**Goal of the exercise:** Only the lines from the beginning of the entries through the one that holds "for number, where, z_axis, x_axis" may appear in the answer, written out exactly and free of pictures.

**Exercise data:**
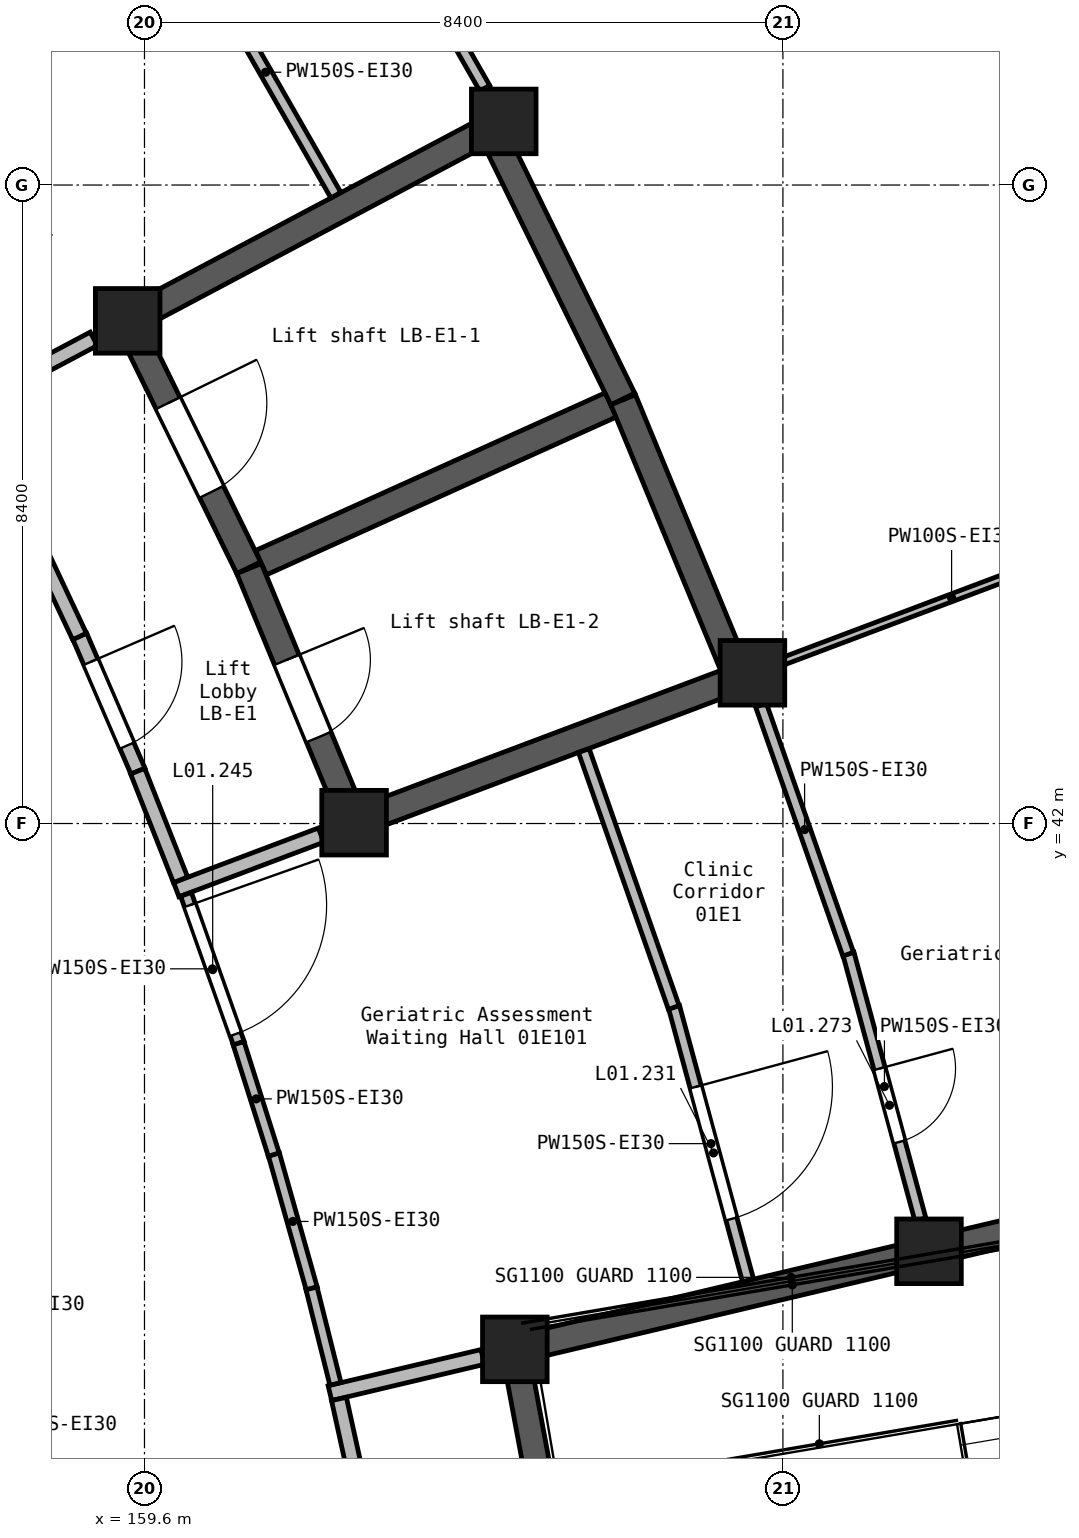
"""IFC4 building model, lengths in metres.
Left out: names, types, materials, properties, quantities, classifications, styles, units other than length and angle.
Written with IfcOpenShell. Run it as: python <this file> out.ifc"""

import sys

from ifc_helpers import new_model, si_unit, direction, frame, frame_2d, origin, origin_2d, place, context, subcontext, project, spatial, rectangle, extrude, element, fill, save


model = new_model("IFC4")
c1 = context("Model", 3, precision=1e-05, world=origin(), true_north=direction((0.0, 1.0)))
c2 = subcontext(c1, "Body", "Model", "MODEL_VIEW")
j1 = project(units=[si_unit("LENGTHUNIT", "METRE"), si_unit("PLANEANGLEUNIT", "RADIAN")], contexts=[c1])
p1 = place(None, origin())
s1 = spatial("IfcSite", under=j1, at=p1, CompositionType="ELEMENT")
p2 = place(p1, origin())
s2 = spatial("IfcBuilding", under=s1, at=p2, CompositionType="ELEMENT")
p3 = place(p2, frame((0.0, 0.0, 5.4)))
s3 = spatial("IfcBuildingStorey", under=s2, at=p3, CompositionType="ELEMENT", Elevation=5.4)
for number, where, z_axis, x_axis in (
    (1, (159.379, 48.613, 0.0), (0.0, 0.0, 1.0), (1.0, 0.0, 0.0)),
    (2, (162.358, 42.011, 0.0), (0.0, 0.0, 1.0), (1.0, 0.0, 0.0)),
    (3, (164.327, 51.237, 0.0), (0.0, 0.0, 1.0), (1.0, 0.0, 0.0)),
    (4, (164.473, 35.082, 0.0), (0.0, 0.0, 1.0), (1.0, 0.0, 0.0)),
    (5, (167.599, 43.983, 0.0), (0.0, 0.0, 1.0), (1.0, 0.0, 0.0)),
    (6, (169.922, 36.372, 0.0), (0.0, 0.0, 1.0), (1.0, 0.0, 0.0)),
):
    element("IfcColumn", number, at=place(p3, frame(where, z_axis=z_axis, x_axis=x_axis)), inside=s3, PredefinedType="COLUMN", context=c2, shape_type="SweptSolid", body=[
        extrude(rectangle(XDim=0.85, YDim=0.85, at=origin_2d()), origin(), (0.0, 0.0, 1.0), 4.5),
    ])
p4 = place(p3, frame((159.224, 48.531, 0.0), z_axis=(0.0, 0.0, 1.0), x_axis=(0.883393138637, 0.468632652094, 0.0)))
e7 = element("IfcWall", 7, at=p4, inside=s3, PredefinedType="SHEAR", context=c2, shape_type="SweptSolid", body=[
    extrude(rectangle(XDim=5.751, YDim=0.35, at=frame_2d((2.875, 0.0))), origin(), (0.0, 0.0, 1.0), 4.5),
])
p5 = place(p3, frame((159.456, 48.456, 0.0), z_axis=(0.0, 0.0, 1.0), x_axis=(0.440221126053, -0.89788939195, 0.0)))
e8 = element("IfcWall", 8, at=p5, inside=s3, PredefinedType="SHEAR", context=c2, shape_type="SweptSolid", body=[
    extrude(rectangle(XDim=3.442, YDim=0.35, at=frame_2d((1.721, 0.0))), origin(), (0.0, 0.0, 1.0), 4.5),
])
p6 = place(p5, frame((1.031, 0.0, 0.0)))
e9 = element("IfcOpeningElement", 9, at=p6, cuts=e8, PredefinedType="OPENING", context=c2, shape_type="SweptSolid", body=[
    extrude(rectangle(XDim=1.3, YDim=2.1, at=frame_2d((0.65, 1.05))), frame((0.0, 0.185, 0.0), z_axis=(0.0, -1.0, 0.0), x_axis=(1.0, 0.0, 0.0)), (0.0, 0.0, 1.0), 0.37),
])
p7 = place(p3, frame((160.976, 45.355, 0.0), z_axis=(0.0, 0.0, 1.0), x_axis=(0.381990591944, -0.924166212143, 0.0)))
e10 = element("IfcWall", 10, at=p7, inside=s3, PredefinedType="SHEAR", context=c2, shape_type="SweptSolid", body=[
    extrude(rectangle(XDim=3.443, YDim=0.35, at=frame_2d((1.721, 0.0))), origin(), (0.0, 0.0, 1.0), 4.5),
])
p8 = place(p7, frame((1.3, 0.0, 0.0)))
e11 = element("IfcOpeningElement", 11, at=p8, cuts=e10, PredefinedType="OPENING", context=c2, shape_type="SweptSolid", body=[
    extrude(rectangle(XDim=1.1, YDim=2.1, at=frame_2d((0.55, 1.05))), frame((0.0, 0.185, 0.0), z_axis=(0.0, -1.0, 0.0), x_axis=(1.0, 0.0, 0.0)), (0.0, 0.0, 1.0), 0.37),
])
p9 = place(p3, frame((161.134, 45.432, 0.0), z_axis=(0.0, 0.0, 1.0), x_axis=(0.911564728385, 0.411156595427, 0.0)))
e12 = element("IfcWall", 12, at=p9, inside=s3, PredefinedType="SHEAR", context=c2, shape_type="SweptSolid", body=[
    extrude(rectangle(XDim=5.05, YDim=0.35, at=frame_2d((2.525, 0.0))), origin(), (0.0, 0.0, 1.0), 4.5),
])
p10 = place(p3, frame((162.194, 41.949, 0.0), z_axis=(0.0, 0.0, 1.0), x_axis=(0.935920223106, 0.352212061095, 0.0)))
e13 = element("IfcWall", 13, at=p10, inside=s3, PredefinedType="SHEAR", context=c2, shape_type="SweptSolid", body=[
    extrude(rectangle(XDim=5.75, YDim=0.35, at=frame_2d((2.875, 0.0))), origin(), (0.0, 0.0, 1.0), 4.5),
])
p11 = place(p3, frame((164.303, 35.042, 0.0), z_axis=(0.0, 0.0, 1.0), x_axis=(0.973093454504, 0.230410782737, 0.0)))
e14 = element("IfcWall", 14, at=p11, inside=s3, PredefinedType="SHEAR", context=c2, shape_type="SweptSolid", body=[
    extrude(rectangle(XDim=7.55, YDim=0.35, at=frame_2d((3.775, 0.0))), origin(), (0.0, 0.0, 1.0), 4.5),
])
p12 = place(p3, frame((165.469, 29.746, 0.0), z_axis=(0.0, 0.0, 1.0), x_axis=(-0.183471964923, 0.98302494276, 0.0)))
e15 = element("IfcWall", 15, at=p12, inside=s3, PredefinedType="SHEAR", context=c2, shape_type="SweptSolid", body=[
    extrude(rectangle(XDim=5.253, YDim=0.35, at=frame_2d((2.627, 0.0))), origin(), (0.0, 0.0, 1.0), 4.5),
])
p13 = place(p3, frame((165.894, 47.585, 0.0), z_axis=(0.0, 0.0, 1.0), x_axis=(-0.43992897418, 0.898032570499, 0.0)))
e16 = element("IfcWall", 16, at=p13, inside=s3, PredefinedType="SHEAR", context=c2, shape_type="SweptSolid", body=[
    extrude(rectangle(XDim=3.788, YDim=0.35, at=frame_2d((1.894, 0.0))), origin(), (0.0, 0.0, 1.0), 4.5),
])
p14 = place(p3, frame((167.345, 44.075, 0.0), z_axis=(0.0, 0.0, 1.0), x_axis=(-0.382046231428, 0.924143212415, 0.0)))
e17 = element("IfcWall", 17, at=p14, inside=s3, PredefinedType="SHEAR", context=c2, shape_type="SweptSolid", body=[
    extrude(rectangle(XDim=3.788, YDim=0.35, at=frame_2d((1.894, 0.0))), origin(), (0.0, 0.0, 1.0), 4.5),
])
p15 = place(p3, frame((162.04, 34.506, 0.0), z_axis=(0.0, 0.0, 1.0), x_axis=(0.973117236519, 0.230310321066, 0.0)))
e18 = element("IfcWall", 18, at=p15, inside=s3, PredefinedType="SOLIDWALL", context=c2, shape_type="SweptSolid", body=[
    extrude(rectangle(XDim=2.066, YDim=0.2, at=frame_2d((1.033, 0.0))), origin(), (0.0, 0.0, 1.0), 4.15),
])
p16 = place(p3, frame((160.018, 41.13, 0.0), z_axis=(0.0, 0.0, 1.0), x_axis=(0.935835444075, 0.352437259115, 0.0)))
e19 = element("IfcWall", 19, at=p16, inside=s3, PredefinedType="SOLIDWALL", context=c2, shape_type="SweptSolid", body=[
    extrude(rectangle(XDim=2.036, YDim=0.2, at=frame_2d((1.018, 0.0))), origin(), (0.0, 0.0, 1.0), 4.15),
])
p17 = place(p3, frame((157.171, 47.442, 0.0), z_axis=(0.0, 0.0, 1.0), x_axis=(0.883475149074, 0.468478026133, 0.0)))
e20 = element("IfcWall", 20, at=p17, inside=s3, PredefinedType="SOLIDWALL", context=c2, shape_type="SweptSolid", body=[
    extrude(rectangle(XDim=1.995, YDim=0.2, at=frame_2d((0.998, 0.0))), origin(), (0.0, 0.0, 1.0), 4.15),
])
p18 = place(p3, frame((158.747, 44.465, 0.0), z_axis=(0.0, 0.0, 1.0), x_axis=(0.396322487651, -0.918111368943, 0.0)))
e21 = element("IfcWall", 21, at=p18, inside=s3, PredefinedType="SOLIDWALL", context=c2, shape_type="SweptSolid", body=[
    extrude(rectangle(XDim=1.936, YDim=0.2, at=frame_2d((0.968, 0.0))), origin(), (0.0, 0.0, 1.0), 4.15),
])
p19 = place(p18, frame((0.368, 0.0, 0.0)))
e22 = element("IfcOpeningElement", 22, at=p19, cuts=e21, PredefinedType="OPENING", context=c2, shape_type="SweptSolid", body=[
    extrude(rectangle(XDim=1.2, YDim=2.1, at=frame_2d((0.6, 1.05))), frame((0.0, 0.11, 0.0), z_axis=(0.0, -1.0, 0.0), x_axis=(1.0, 0.0, 0.0)), (0.0, 0.0, 1.0), 0.22),
])
p20 = place(p3, frame((162.159, 34.43, 0.0), z_axis=(0.0, 0.0, 1.0), x_axis=(0.215079958229, -0.976596442533, 0.0)))
e23 = element("IfcWall", 23, at=p20, inside=s3, PredefinedType="SOLIDWALL", context=c2, shape_type="SweptSolid", body=[
    extrude(rectangle(XDim=1.537, YDim=0.2, at=frame_2d((0.769, 0.0))), origin(), (0.0, 0.0, 1.0), 4.15),
])
p21 = place(p3, frame((158.089, 45.855, 0.0), z_axis=(0.0, 0.0, 1.0), x_axis=(0.42579703633, -0.904818702201, 0.0)))
e24 = element("IfcWall", 24, at=p21, inside=s3, PredefinedType="SOLIDWALL", context=c2, shape_type="SweptSolid", body=[
    extrude(rectangle(XDim=1.541, YDim=0.2, at=frame_2d((0.771, 0.0))), origin(), (0.0, 0.0, 1.0), 4.15),
])
p22 = place(p3, frame((159.51, 42.689, 0.0), z_axis=(0.0, 0.0, 1.0), x_axis=(0.367195475631, -0.930143796773, 0.0)))
e25 = element("IfcWall", 25, at=p22, inside=s3, PredefinedType="SOLIDWALL", context=c2, shape_type="SweptSolid", body=[
    extrude(rectangle(XDim=1.537, YDim=0.2, at=frame_2d((0.768, 0.0))), origin(), (0.0, 0.0, 1.0), 4.15),
])
p23 = place(p3, frame((162.313, 54.758, 0.0), z_axis=(0.0, 0.0, 1.0), x_axis=(0.496582798362, -0.867989357291, 0.0)))
e26 = element("IfcWall", 26, at=p23, inside=s3, PredefinedType="PARTITIONING", context=c2, shape_type="SweptSolid", body=[
    extrude(rectangle(XDim=3.553, YDim=0.15, at=frame_2d((1.777, 0.0))), origin(), (0.0, 0.0, 1.0), 4.15),
])
p24 = place(p23, frame((1.566, 0.0, 0.0)))
e27 = element("IfcOpeningElement", 27, at=p24, cuts=e26, PredefinedType="OPENING", context=c2, shape_type="SweptSolid", body=[
    extrude(rectangle(XDim=1.0, YDim=2.1, at=frame_2d((0.5, 1.05))), frame((0.0, 0.085, 0.0), z_axis=(0.0, -1.0, 0.0), x_axis=(1.0, 0.0, 0.0)), (0.0, 0.0, 1.0), 0.17),
])
p25 = place(p3, frame((168.862, 40.287, 0.0), z_axis=(0.0, 0.0, 1.0), x_axis=(0.261268938462, -0.965266047157, 0.0)))
e28 = element("IfcWall", 28, at=p25, inside=s3, PredefinedType="PARTITIONING", context=c2, shape_type="SweptSolid", body=[
    extrude(rectangle(XDim=3.622, YDim=0.15, at=frame_2d((1.811, 0.0))), origin(), (0.0, 0.0, 1.0), 4.15),
])
p26 = place(p25, frame((1.566, 0.0, 0.0)))
e29 = element("IfcOpeningElement", 29, at=p26, cuts=e28, PredefinedType="OPENING", context=c2, shape_type="SweptSolid", body=[
    extrude(rectangle(XDim=1.0, YDim=2.1, at=frame_2d((0.5, 1.05))), frame((0.0, 0.085, 0.0), z_axis=(0.0, -1.0, 0.0), x_axis=(1.0, 0.0, 0.0)), (0.0, 0.0, 1.0), 0.17),
])
p27 = place(p3, frame((167.711, 43.559, 0.0), z_axis=(0.0, 0.0, 1.0), x_axis=(0.330491338893, -0.9438090246, 0.0)))
e30 = element("IfcWall", 30, at=p27, inside=s3, PredefinedType="PARTITIONING", context=c2, shape_type="SweptSolid", body=[
    extrude(rectangle(XDim=3.473, YDim=0.15, at=frame_2d((1.736, 0.0))), origin(), (0.0, 0.0, 1.0), 4.15),
])
p28 = place(p3, frame((166.567, 39.586, 0.0), z_axis=(0.0, 0.0, 1.0), x_axis=(0.261225938755, -0.965277684877, 0.0)))
e31 = element("IfcWall", 31, at=p28, inside=s3, PredefinedType="PARTITIONING", context=c2, shape_type="SweptSolid", body=[
    extrude(rectangle(XDim=3.725, YDim=0.15, at=frame_2d((1.863, 0.0))), origin(), (0.0, 0.0, 1.0), 4.15),
])
p29 = place(p28, frame((1.089, 0.0, 0.0)))
e32 = element("IfcOpeningElement", 32, at=p29, cuts=e31, PredefinedType="OPENING", context=c2, shape_type="SweptSolid", body=[
    extrude(rectangle(XDim=1.8, YDim=2.1, at=frame_2d((0.9, 1.05))), frame((0.0, 0.085, 0.0), z_axis=(0.0, -1.0, 0.0), x_axis=(1.0, 0.0, 0.0)), (0.0, 0.0, 1.0), 0.17),
])
p30 = place(p3, frame((160.269, 53.501, 0.0), z_axis=(0.0, 0.0, 1.0), x_axis=(0.496371795626, -0.8681100394, 0.0)))
e33 = element("IfcWall", 33, at=p30, inside=s3, PredefinedType="PARTITIONING", context=c2, shape_type="SweptSolid", body=[
    extrude(rectangle(XDim=3.726, YDim=0.15, at=frame_2d((1.863, 0.0))), origin(), (0.0, 0.0, 1.0), 4.15),
])
p31 = place(p3, frame((165.38, 42.96, 0.0), z_axis=(0.0, 0.0, 1.0), x_axis=(0.330508329073, -0.943803075018, 0.0)))
e34 = element("IfcWall", 34, at=p31, inside=s3, PredefinedType="PARTITIONING", context=c2, shape_type="SweptSolid", body=[
    extrude(rectangle(XDim=3.581, YDim=0.15, at=frame_2d((1.791, 0.0))), origin(), (0.0, 0.0, 1.0), 4.15),
])
p32 = place(p3, frame((160.146, 41.068, 0.0), z_axis=(0.0, 0.0, 1.0), x_axis=(0.334170983673, -0.942512468708, 0.0)))
e35 = element("IfcWall", 35, at=p32, inside=s3, PredefinedType="PARTITIONING", context=c2, shape_type="SweptSolid", body=[
    extrude(rectangle(XDim=2.079, YDim=0.15, at=frame_2d((1.04, 0.0))), origin(), (0.0, 0.0, 1.0), 4.15),
])
p33 = place(p32, frame((0.151, 0.0, 0.0)))
e36 = element("IfcOpeningElement", 36, at=p33, cuts=e35, PredefinedType="OPENING", context=c2, shape_type="SweptSolid", body=[
    extrude(rectangle(XDim=1.8, YDim=2.1, at=frame_2d((0.9, 1.05))), frame((0.0, 0.085, 0.0), z_axis=(0.0, -1.0, 0.0), x_axis=(1.0, 0.0, 0.0)), (0.0, 0.0, 1.0), 0.17),
])
p34 = place(p3, frame((161.302, 37.647, 0.0), z_axis=(0.0, 0.0, 1.0), x_axis=(0.271536076628, -0.962428261789, 0.0)))
e37 = element("IfcWall", 37, at=p34, inside=s3, PredefinedType="PARTITIONING", context=c2, shape_type="SweptSolid", body=[
    extrude(rectangle(XDim=1.833, YDim=0.15, at=frame_2d((0.917, 0.0))), origin(), (0.0, 0.0, 1.0), 4.15),
])
p35 = place(p3, frame((160.838, 39.11, 0.0), z_axis=(0.0, 0.0, 1.0), x_axis=(0.301321411033, -0.953522630698, 0.0)))
e38 = element("IfcWall", 38, at=p35, inside=s3, PredefinedType="PARTITIONING", context=c2, shape_type="SweptSolid", body=[
    extrude(rectangle(XDim=1.537, YDim=0.15, at=frame_2d((0.769, 0.0))), origin(), (0.0, 0.0, 1.0), 4.15),
])
p36 = place(p3, frame((161.798, 35.884, 0.0), z_axis=(0.0, 0.0, 1.0), x_axis=(0.243023571224, -0.970020383203, 0.0)))
e39 = element("IfcWall", 39, at=p36, inside=s3, PredefinedType="PARTITIONING", context=c2, shape_type="SweptSolid", body=[
    extrude(rectangle(XDim=1.295, YDim=0.15, at=frame_2d((0.647, 0.0))), origin(), (0.0, 0.0, 1.0), 4.15),
])
p37 = place(p3, frame((168.016, 44.14, 0.0), z_axis=(0.0, 0.0, 1.0), x_axis=(0.935850976525, 0.352396012659, 0.0)))
e40 = element("IfcWall", 40, at=p37, inside=s3, PredefinedType="PARTITIONING", context=c2, shape_type="SweptSolid", body=[
    extrude(rectangle(XDim=4.708, YDim=0.1, at=frame_2d((2.354, 0.0))), origin(), (0.0, 0.0, 1.0), 4.15),
])
p38 = place(p29, origin())
e41 = element("IfcDoor", 41, at=p38, inside=s3, OperationType="DOUBLE_DOOR_SINGLE_SWING", PredefinedType="DOOR", context=c2, shape_type="SweptSolid", body=[
    extrude(rectangle(XDim=1.8, YDim=2.1, at=frame_2d((0.9, 1.05))), frame((0.0, 0.025, 0.0), z_axis=(0.0, -1.0, 0.0), x_axis=(1.0, 0.0, 0.0)), (0.0, 0.0, 1.0), 0.05),
])
fill(e32, e41)
p39 = place(p19, origin())
e42 = element("IfcDoor", 42, at=p39, inside=s3, OperationType="SINGLE_SWING_LEFT", PredefinedType="DOOR", context=c2, shape_type="SweptSolid", body=[
    extrude(rectangle(XDim=1.2, YDim=2.1, at=frame_2d((0.6, 1.05))), frame((0.0, 0.025, 0.0), z_axis=(0.0, -1.0, 0.0), x_axis=(1.0, 0.0, 0.0)), (0.0, 0.0, 1.0), 0.05),
])
fill(e22, e42)
p40 = place(p33, frame((1.8, 0.0, 0.0), z_axis=(0.0, 0.0, 1.0), x_axis=(-1.0, 0.0, 0.0)))
e43 = element("IfcDoor", 43, at=p40, inside=s3, OperationType="DOUBLE_DOOR_SINGLE_SWING", PredefinedType="DOOR", context=c2, shape_type="SweptSolid", body=[
    extrude(rectangle(XDim=1.8, YDim=2.1, at=frame_2d((0.9, 1.05))), frame((0.0, 0.025, 0.0), z_axis=(0.0, -1.0, 0.0), x_axis=(1.0, 0.0, 0.0)), (0.0, 0.0, 1.0), 0.05),
])
fill(e36, e43)
p41 = place(p26, origin())
e44 = element("IfcDoor", 44, at=p41, inside=s3, OperationType="SINGLE_SWING_RIGHT", PredefinedType="DOOR", context=c2, shape_type="SweptSolid", body=[
    extrude(rectangle(XDim=1.0, YDim=2.1, at=frame_2d((0.5, 1.05))), frame((0.0, 0.025, 0.0), z_axis=(0.0, -1.0, 0.0), x_axis=(1.0, 0.0, 0.0)), (0.0, 0.0, 1.0), 0.05),
])
fill(e29, e44)
p42 = place(p6, origin())
e45 = element("IfcDoor", 45, at=p42, inside=s3, OperationType="DOUBLE_DOOR_SLIDING", PredefinedType="DOOR", context=c2, shape_type="SweptSolid", body=[
    extrude(rectangle(XDim=1.3, YDim=2.1, at=frame_2d((0.65, 1.05))), frame((0.0, 0.025, 0.0), z_axis=(0.0, -1.0, 0.0), x_axis=(1.0, 0.0, 0.0)), (0.0, 0.0, 1.0), 0.05),
])
fill(e9, e45)
p43 = place(p8, origin())
e46 = element("IfcDoor", 46, at=p43, inside=s3, OperationType="DOUBLE_DOOR_SLIDING", PredefinedType="DOOR", context=c2, shape_type="SweptSolid", body=[
    extrude(rectangle(XDim=1.1, YDim=2.1, at=frame_2d((0.55, 1.05))), frame((0.0, 0.025, 0.0), z_axis=(0.0, -1.0, 0.0), x_axis=(1.0, 0.0, 0.0)), (0.0, 0.0, 1.0), 0.05),
])
fill(e11, e46)
save(model, sys.argv[1])

**Solution for this problem:**
"""IFC4 building model, lengths in metres.
Left out: names, types, materials, properties, quantities, classifications, styles, units other than length and angle.
Written with IfcOpenShell. Run it as: python <this file> out.ifc"""

import sys

from ifc_helpers import new_model, si_unit, direction, frame, frame_2d, origin, origin_2d, place, context, subcontext, project, spatial, rectangle, extrude, element, fill, save


model = new_model("IFC4")
c1 = context("Model", 3, precision=1e-05, world=origin(), true_north=direction((0.0, 1.0)))
c2 = subcontext(c1, "Body", "Model", "MODEL_VIEW")
j1 = project(units=[si_unit("LENGTHUNIT", "METRE"), si_unit("PLANEANGLEUNIT", "RADIAN")], contexts=[c1])
p1 = place(None, origin())
s1 = spatial("IfcSite", under=j1, at=p1, CompositionType="ELEMENT")
p2 = place(p1, origin())
s2 = spatial("IfcBuilding", under=s1, at=p2, CompositionType="ELEMENT")
p3 = place(p2, frame((0.0, 0.0, 5.4)))
s3 = spatial("IfcBuildingStorey", under=s2, at=p3, CompositionType="ELEMENT", Elevation=5.4)
for number, where, z_axis, x_axis in (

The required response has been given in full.